◆ **TRY IT**
Give only the number of lines in the records that include "project".

◆ **EXTRACTED ENTRIES**

┄┄┄┄┄┄┄┄┄┄┄┄┄┄┄┄┄┄┄┄

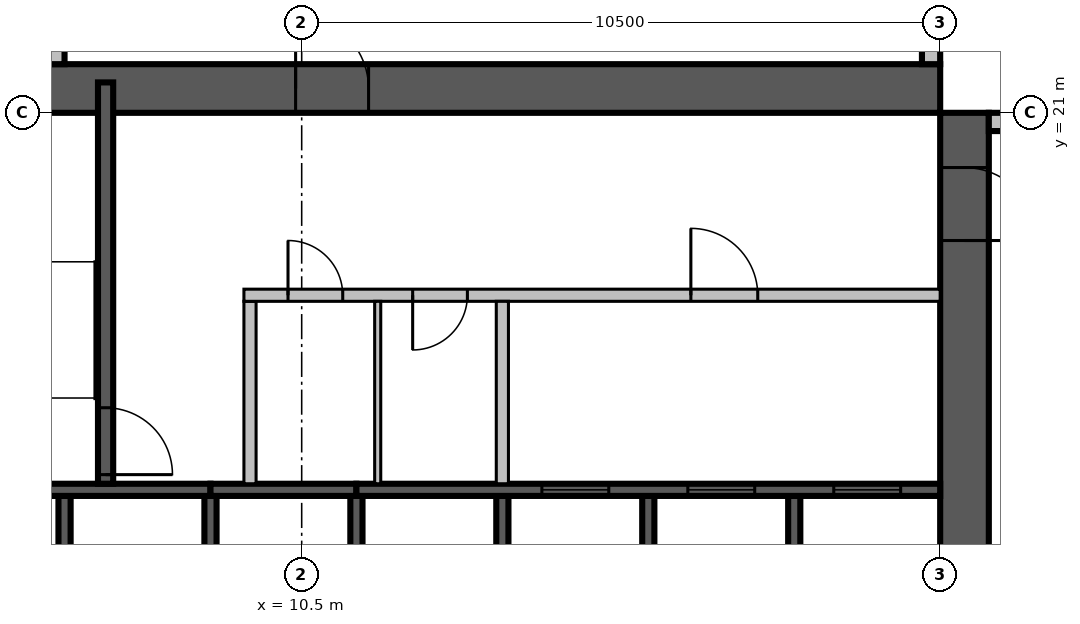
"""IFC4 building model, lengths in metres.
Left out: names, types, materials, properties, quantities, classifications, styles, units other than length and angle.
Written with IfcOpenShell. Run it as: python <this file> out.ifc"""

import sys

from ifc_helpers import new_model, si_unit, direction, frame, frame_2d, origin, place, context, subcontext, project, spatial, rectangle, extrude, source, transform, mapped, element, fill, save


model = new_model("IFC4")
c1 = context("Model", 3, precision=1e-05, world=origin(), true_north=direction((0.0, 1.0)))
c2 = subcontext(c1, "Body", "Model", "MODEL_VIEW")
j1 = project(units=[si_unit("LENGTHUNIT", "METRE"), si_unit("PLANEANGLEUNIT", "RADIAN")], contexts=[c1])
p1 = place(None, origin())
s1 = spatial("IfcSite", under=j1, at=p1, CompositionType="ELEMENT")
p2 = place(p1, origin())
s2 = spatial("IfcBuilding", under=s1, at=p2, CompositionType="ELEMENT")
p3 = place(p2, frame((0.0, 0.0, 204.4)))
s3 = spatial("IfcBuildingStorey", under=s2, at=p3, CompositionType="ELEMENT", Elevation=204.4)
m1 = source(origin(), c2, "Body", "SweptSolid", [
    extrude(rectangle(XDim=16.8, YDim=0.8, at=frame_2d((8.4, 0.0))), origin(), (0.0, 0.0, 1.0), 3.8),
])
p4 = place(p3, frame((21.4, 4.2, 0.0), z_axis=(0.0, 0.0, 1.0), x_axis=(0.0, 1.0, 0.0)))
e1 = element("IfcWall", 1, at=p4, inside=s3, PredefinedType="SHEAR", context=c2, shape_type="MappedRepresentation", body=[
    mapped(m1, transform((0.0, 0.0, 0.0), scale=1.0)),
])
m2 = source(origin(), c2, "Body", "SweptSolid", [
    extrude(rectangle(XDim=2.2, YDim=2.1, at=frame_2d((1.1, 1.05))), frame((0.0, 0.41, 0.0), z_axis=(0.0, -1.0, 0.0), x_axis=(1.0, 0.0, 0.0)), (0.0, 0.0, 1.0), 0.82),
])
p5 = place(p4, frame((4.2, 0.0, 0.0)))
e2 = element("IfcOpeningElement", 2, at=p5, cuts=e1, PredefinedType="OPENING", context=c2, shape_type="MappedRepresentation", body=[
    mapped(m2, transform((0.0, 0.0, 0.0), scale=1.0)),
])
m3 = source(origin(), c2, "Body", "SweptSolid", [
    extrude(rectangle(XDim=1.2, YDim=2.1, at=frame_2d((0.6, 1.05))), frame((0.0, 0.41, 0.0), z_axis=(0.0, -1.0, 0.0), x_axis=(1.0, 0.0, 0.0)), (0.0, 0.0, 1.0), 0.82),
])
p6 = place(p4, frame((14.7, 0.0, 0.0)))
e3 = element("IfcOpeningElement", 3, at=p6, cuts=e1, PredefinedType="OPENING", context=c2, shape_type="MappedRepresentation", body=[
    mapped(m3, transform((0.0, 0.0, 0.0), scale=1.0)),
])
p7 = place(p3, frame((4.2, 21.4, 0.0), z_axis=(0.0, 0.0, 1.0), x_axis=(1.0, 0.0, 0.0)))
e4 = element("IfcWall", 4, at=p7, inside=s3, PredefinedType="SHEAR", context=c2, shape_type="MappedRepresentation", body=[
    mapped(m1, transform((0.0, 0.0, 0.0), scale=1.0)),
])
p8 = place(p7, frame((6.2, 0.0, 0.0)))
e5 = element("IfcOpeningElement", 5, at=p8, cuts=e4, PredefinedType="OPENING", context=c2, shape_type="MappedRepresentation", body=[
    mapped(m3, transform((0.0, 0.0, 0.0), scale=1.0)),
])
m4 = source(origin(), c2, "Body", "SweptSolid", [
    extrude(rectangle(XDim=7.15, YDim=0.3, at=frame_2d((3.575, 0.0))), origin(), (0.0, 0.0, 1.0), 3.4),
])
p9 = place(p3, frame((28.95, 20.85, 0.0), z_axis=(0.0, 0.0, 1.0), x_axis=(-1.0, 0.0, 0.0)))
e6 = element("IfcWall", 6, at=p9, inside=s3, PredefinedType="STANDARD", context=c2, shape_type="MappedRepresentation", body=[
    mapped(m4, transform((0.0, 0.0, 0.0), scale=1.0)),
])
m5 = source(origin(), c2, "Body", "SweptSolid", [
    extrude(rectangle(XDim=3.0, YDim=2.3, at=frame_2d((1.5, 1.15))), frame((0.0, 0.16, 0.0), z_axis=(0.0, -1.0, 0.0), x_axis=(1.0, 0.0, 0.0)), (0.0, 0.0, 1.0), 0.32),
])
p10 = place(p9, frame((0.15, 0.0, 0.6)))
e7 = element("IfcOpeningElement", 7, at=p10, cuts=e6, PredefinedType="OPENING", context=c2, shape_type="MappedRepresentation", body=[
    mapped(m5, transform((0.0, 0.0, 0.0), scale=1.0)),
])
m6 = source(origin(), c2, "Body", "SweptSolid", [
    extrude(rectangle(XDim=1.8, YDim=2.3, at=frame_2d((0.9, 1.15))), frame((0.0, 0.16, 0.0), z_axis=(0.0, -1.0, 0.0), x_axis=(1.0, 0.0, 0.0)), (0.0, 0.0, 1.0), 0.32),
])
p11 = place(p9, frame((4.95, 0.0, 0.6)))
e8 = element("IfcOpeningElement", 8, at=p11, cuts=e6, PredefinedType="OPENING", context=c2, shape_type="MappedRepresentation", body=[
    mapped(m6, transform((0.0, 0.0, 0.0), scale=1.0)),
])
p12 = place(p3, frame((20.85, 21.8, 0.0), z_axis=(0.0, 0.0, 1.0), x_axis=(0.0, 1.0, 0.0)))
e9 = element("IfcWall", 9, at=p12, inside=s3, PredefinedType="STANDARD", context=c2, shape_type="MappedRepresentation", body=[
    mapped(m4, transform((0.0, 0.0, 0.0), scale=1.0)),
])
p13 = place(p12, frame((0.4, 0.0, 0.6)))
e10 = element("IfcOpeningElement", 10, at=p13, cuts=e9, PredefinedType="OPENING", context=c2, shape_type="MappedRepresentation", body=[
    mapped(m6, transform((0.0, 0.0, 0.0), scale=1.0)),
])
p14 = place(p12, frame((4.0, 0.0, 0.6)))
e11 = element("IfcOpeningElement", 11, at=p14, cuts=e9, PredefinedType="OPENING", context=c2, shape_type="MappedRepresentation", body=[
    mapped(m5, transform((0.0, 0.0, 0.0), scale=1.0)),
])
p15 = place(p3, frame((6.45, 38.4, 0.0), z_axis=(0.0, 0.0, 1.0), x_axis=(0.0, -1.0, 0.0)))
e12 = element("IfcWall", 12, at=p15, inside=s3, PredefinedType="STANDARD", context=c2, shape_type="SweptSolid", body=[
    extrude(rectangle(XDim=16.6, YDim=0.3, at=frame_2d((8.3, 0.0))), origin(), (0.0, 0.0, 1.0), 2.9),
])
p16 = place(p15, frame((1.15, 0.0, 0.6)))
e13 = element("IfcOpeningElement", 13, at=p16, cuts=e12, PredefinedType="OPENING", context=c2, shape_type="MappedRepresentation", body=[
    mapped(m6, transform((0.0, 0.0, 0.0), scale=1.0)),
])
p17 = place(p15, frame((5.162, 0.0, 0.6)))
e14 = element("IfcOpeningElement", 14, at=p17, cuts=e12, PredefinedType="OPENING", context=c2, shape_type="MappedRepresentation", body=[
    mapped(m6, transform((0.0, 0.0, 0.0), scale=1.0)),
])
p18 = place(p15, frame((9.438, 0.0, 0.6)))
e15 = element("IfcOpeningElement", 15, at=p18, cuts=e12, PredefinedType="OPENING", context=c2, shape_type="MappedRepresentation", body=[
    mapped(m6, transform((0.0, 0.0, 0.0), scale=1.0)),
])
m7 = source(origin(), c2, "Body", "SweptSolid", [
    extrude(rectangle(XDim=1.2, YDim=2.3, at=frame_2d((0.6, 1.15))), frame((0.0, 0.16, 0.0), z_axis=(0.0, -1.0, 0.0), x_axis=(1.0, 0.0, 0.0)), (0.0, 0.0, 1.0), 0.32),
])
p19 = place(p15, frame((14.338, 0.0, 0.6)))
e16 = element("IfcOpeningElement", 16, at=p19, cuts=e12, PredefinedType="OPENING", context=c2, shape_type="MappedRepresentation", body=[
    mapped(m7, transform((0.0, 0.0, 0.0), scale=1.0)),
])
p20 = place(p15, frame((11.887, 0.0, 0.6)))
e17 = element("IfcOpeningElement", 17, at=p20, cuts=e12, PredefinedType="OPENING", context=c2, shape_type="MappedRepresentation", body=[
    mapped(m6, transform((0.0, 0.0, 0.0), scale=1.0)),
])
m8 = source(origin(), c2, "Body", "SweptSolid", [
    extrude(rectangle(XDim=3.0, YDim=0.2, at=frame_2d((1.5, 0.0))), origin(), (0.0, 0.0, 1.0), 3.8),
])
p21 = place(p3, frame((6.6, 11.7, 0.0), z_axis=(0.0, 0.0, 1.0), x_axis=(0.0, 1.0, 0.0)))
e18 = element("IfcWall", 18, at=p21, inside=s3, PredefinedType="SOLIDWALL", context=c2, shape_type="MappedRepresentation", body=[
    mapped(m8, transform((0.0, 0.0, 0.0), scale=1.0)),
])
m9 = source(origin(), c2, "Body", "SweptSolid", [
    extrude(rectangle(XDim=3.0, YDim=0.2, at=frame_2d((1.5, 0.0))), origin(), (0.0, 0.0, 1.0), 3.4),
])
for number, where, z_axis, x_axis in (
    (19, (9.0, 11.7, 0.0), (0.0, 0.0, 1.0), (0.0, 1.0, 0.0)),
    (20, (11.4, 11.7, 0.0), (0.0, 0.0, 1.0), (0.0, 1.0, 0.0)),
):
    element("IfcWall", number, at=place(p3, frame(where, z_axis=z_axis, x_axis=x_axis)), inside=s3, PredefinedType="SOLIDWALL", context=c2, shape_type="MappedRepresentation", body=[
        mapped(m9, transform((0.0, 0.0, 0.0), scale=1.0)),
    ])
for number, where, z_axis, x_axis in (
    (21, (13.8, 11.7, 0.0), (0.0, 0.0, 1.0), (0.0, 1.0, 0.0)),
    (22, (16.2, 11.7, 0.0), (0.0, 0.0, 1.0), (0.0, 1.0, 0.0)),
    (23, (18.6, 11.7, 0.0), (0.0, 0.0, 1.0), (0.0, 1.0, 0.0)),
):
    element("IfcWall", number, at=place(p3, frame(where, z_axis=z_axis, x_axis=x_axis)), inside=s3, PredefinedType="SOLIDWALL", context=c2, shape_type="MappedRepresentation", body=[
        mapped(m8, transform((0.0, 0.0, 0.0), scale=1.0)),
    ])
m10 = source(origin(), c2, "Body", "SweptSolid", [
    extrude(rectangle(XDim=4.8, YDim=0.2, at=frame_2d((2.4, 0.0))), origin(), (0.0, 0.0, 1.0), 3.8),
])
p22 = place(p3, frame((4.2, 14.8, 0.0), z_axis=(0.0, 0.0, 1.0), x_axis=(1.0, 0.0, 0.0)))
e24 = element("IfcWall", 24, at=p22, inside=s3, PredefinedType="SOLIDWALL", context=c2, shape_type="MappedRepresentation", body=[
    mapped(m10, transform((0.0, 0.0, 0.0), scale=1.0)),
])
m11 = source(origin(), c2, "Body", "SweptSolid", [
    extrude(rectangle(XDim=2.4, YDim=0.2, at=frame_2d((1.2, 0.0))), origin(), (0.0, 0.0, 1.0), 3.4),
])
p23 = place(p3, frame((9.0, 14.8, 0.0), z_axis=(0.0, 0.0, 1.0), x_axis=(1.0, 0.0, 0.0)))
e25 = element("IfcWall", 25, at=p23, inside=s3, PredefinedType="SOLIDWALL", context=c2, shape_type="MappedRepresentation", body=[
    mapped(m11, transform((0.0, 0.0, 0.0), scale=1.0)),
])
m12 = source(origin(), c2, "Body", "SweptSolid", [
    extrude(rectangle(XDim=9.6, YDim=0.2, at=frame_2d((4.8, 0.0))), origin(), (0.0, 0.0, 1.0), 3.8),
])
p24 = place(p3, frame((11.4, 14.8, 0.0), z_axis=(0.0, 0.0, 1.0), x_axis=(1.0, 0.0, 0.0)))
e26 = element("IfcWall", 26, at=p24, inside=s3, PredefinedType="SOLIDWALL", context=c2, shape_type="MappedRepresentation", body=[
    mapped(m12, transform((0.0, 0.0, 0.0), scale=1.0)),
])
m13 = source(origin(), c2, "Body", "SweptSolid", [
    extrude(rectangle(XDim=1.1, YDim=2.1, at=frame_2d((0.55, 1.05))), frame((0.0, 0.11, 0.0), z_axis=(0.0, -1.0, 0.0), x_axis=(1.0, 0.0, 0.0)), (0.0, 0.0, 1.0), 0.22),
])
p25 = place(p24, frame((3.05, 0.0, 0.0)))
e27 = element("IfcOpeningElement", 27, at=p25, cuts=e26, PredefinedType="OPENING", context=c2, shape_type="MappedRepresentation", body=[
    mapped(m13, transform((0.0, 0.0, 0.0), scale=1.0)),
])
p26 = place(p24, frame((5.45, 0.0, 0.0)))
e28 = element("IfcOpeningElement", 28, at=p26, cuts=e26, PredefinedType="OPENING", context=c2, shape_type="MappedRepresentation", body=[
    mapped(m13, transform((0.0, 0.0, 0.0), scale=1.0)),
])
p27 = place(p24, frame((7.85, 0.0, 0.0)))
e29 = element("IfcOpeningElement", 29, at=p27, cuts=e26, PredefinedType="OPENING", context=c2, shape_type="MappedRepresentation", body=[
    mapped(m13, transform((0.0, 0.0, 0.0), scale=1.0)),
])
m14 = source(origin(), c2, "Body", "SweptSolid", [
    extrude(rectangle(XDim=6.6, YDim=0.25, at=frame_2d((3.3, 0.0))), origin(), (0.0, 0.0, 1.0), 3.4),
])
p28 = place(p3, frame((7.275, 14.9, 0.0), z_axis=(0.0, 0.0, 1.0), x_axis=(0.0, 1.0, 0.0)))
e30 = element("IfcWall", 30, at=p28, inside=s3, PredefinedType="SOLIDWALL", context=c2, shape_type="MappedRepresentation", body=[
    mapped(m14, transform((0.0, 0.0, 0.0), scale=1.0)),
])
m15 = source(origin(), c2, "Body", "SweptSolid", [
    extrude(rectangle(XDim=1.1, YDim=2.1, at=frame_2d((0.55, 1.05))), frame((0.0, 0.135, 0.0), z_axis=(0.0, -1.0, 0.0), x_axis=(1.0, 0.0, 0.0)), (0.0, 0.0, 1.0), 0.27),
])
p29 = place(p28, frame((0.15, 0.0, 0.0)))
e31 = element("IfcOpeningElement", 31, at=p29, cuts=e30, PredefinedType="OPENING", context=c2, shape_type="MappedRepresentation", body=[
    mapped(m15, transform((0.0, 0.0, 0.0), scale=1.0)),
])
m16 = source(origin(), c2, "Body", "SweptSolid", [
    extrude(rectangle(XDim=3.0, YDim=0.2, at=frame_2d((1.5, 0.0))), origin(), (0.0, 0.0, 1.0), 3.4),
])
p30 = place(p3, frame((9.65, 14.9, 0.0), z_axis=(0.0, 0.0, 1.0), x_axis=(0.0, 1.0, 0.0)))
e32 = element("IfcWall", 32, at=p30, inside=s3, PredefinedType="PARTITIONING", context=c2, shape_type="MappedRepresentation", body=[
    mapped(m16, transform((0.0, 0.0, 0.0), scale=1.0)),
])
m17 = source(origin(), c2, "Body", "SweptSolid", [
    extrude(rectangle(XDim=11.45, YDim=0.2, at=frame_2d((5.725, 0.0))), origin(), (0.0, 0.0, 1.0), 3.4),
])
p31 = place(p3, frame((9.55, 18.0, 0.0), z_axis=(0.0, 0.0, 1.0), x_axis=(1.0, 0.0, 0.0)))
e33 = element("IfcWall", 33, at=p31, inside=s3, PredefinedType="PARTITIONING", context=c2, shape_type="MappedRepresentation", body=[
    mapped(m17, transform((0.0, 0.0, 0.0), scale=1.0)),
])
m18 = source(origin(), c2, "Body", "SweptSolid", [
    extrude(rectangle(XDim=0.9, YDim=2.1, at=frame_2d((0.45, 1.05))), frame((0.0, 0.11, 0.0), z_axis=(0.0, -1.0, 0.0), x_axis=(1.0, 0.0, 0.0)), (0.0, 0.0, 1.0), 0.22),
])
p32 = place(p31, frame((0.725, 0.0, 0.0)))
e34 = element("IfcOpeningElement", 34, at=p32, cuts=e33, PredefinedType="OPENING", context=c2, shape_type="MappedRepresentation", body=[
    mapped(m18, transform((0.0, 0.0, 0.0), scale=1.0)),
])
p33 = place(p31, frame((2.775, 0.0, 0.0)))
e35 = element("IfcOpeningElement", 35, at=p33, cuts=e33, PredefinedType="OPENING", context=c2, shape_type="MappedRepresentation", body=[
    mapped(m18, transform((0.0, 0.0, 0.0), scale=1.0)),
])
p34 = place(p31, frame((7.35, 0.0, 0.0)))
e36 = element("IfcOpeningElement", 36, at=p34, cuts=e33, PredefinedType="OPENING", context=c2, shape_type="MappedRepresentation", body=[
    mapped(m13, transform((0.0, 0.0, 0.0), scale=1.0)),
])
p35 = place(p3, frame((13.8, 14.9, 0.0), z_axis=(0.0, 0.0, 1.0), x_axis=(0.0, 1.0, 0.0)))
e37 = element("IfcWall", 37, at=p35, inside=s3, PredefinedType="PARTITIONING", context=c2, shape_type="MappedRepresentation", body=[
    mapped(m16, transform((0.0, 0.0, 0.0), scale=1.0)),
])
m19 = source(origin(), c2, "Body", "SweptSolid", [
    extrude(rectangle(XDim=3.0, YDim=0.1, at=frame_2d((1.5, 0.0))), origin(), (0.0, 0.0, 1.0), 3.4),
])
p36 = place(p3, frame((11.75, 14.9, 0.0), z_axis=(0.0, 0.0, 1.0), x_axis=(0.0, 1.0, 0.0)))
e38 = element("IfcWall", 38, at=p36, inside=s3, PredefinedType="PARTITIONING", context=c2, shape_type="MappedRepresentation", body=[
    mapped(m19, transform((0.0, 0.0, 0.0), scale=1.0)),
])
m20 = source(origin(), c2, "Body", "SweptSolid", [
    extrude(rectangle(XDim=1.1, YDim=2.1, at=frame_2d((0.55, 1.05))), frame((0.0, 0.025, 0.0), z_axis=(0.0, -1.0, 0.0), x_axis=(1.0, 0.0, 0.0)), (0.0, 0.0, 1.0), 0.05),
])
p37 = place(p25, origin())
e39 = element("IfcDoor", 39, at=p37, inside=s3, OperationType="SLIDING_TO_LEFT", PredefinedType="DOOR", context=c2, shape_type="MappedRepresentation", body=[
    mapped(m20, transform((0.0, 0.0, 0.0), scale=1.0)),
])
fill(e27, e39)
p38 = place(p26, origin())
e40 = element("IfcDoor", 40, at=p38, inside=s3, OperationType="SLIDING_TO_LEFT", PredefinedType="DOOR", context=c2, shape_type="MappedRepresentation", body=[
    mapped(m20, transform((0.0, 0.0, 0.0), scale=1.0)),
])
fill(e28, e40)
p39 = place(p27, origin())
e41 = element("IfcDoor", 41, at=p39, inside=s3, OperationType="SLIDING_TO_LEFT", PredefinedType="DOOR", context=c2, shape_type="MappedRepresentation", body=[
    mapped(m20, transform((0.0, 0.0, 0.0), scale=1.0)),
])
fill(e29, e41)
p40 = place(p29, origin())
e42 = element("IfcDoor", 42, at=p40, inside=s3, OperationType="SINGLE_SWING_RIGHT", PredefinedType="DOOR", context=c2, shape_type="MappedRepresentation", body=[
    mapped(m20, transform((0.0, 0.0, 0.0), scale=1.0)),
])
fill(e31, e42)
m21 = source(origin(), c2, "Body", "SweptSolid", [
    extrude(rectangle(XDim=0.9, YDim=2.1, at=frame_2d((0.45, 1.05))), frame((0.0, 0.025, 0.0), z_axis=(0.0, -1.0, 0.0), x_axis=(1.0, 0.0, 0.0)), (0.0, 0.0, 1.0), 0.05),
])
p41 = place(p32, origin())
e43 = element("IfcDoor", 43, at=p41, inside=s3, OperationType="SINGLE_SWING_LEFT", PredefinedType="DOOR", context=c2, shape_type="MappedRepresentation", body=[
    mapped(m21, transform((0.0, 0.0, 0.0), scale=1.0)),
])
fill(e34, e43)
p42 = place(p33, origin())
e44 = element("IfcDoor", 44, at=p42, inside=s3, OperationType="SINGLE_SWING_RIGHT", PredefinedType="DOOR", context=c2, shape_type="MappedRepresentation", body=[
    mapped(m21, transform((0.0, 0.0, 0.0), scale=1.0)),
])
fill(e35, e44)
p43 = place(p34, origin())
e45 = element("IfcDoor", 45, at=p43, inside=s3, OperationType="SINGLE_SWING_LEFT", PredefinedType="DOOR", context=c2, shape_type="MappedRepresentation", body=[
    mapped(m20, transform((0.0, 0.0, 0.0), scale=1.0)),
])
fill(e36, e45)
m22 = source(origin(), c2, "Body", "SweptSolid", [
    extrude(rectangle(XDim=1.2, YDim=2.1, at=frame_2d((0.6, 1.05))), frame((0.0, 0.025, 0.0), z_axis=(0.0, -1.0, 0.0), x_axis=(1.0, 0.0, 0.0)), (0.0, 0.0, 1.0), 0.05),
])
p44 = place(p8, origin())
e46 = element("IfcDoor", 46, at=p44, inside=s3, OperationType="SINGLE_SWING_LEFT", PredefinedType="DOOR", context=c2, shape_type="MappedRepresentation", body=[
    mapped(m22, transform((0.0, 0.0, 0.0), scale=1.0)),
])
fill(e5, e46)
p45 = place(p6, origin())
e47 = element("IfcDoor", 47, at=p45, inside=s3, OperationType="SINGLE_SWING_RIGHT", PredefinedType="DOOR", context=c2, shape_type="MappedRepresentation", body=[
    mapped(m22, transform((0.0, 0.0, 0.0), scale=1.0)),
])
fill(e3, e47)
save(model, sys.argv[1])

┄┄┄┄┄┄┄┄┄┄┄┄┄┄┄┄┄┄┄┄

◆ **REPLY**
2